(Data records)
========================

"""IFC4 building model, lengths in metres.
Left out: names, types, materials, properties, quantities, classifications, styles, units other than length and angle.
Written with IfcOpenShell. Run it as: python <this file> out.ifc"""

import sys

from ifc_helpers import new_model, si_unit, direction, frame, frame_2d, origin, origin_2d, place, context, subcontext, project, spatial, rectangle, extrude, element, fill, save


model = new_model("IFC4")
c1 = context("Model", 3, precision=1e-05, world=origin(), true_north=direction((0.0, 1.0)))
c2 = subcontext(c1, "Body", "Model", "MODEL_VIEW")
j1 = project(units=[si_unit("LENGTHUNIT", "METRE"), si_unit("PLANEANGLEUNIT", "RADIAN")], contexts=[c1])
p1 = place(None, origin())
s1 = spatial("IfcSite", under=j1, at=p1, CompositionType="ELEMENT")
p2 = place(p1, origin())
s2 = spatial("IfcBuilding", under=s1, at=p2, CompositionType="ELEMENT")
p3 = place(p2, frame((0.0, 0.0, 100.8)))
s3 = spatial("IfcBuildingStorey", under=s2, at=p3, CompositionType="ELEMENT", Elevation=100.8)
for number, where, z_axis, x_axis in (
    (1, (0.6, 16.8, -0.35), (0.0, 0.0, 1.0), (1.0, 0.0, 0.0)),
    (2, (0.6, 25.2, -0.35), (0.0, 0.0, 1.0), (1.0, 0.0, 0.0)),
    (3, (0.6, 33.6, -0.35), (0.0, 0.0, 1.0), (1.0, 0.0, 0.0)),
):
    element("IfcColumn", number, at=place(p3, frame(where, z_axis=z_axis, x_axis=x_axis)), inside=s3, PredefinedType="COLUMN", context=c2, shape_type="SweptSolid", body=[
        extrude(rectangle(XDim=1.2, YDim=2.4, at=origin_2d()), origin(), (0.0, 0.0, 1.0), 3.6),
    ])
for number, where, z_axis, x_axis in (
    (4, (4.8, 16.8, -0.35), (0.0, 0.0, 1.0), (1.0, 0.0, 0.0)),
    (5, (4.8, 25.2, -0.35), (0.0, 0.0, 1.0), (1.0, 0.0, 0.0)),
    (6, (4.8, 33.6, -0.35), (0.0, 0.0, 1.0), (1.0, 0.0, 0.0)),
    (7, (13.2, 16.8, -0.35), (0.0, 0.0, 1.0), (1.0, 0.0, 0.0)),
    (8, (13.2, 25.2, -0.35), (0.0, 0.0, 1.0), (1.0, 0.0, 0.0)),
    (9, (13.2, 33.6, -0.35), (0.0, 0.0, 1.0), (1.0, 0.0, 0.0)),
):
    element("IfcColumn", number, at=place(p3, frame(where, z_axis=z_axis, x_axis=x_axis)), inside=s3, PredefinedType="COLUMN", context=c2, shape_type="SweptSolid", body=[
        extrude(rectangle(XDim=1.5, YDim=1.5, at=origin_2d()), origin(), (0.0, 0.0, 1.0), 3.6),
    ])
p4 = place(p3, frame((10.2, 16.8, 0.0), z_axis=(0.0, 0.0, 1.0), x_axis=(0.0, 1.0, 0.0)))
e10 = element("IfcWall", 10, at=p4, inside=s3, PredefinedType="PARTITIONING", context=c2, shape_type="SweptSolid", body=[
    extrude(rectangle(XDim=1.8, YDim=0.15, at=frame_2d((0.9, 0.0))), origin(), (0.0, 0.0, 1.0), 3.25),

========================

● **What is needed**
Among the lines above, find the ones containing "extrude" and copy them.

● **Solution to the problem**
from ifc_helpers import new_model, si_unit, direction, frame, frame_2d, origin, origin_2d, place, context, subcontext, project, spatial, rectangle, extrude, element, fill, save
        extrude(rectangle(XDim=1.2, YDim=2.4, at=origin_2d()), origin(), (0.0, 0.0, 1.0), 3.6),
        extrude(rectangle(XDim=1.5, YDim=1.5, at=origin_2d()), origin(), (0.0, 0.0, 1.0), 3.6),
    extrude(rectangle(XDim=1.8, YDim=0.15, at=frame_2d((0.9, 0.0))), origin(), (0.0, 0.0, 1.0), 3.25),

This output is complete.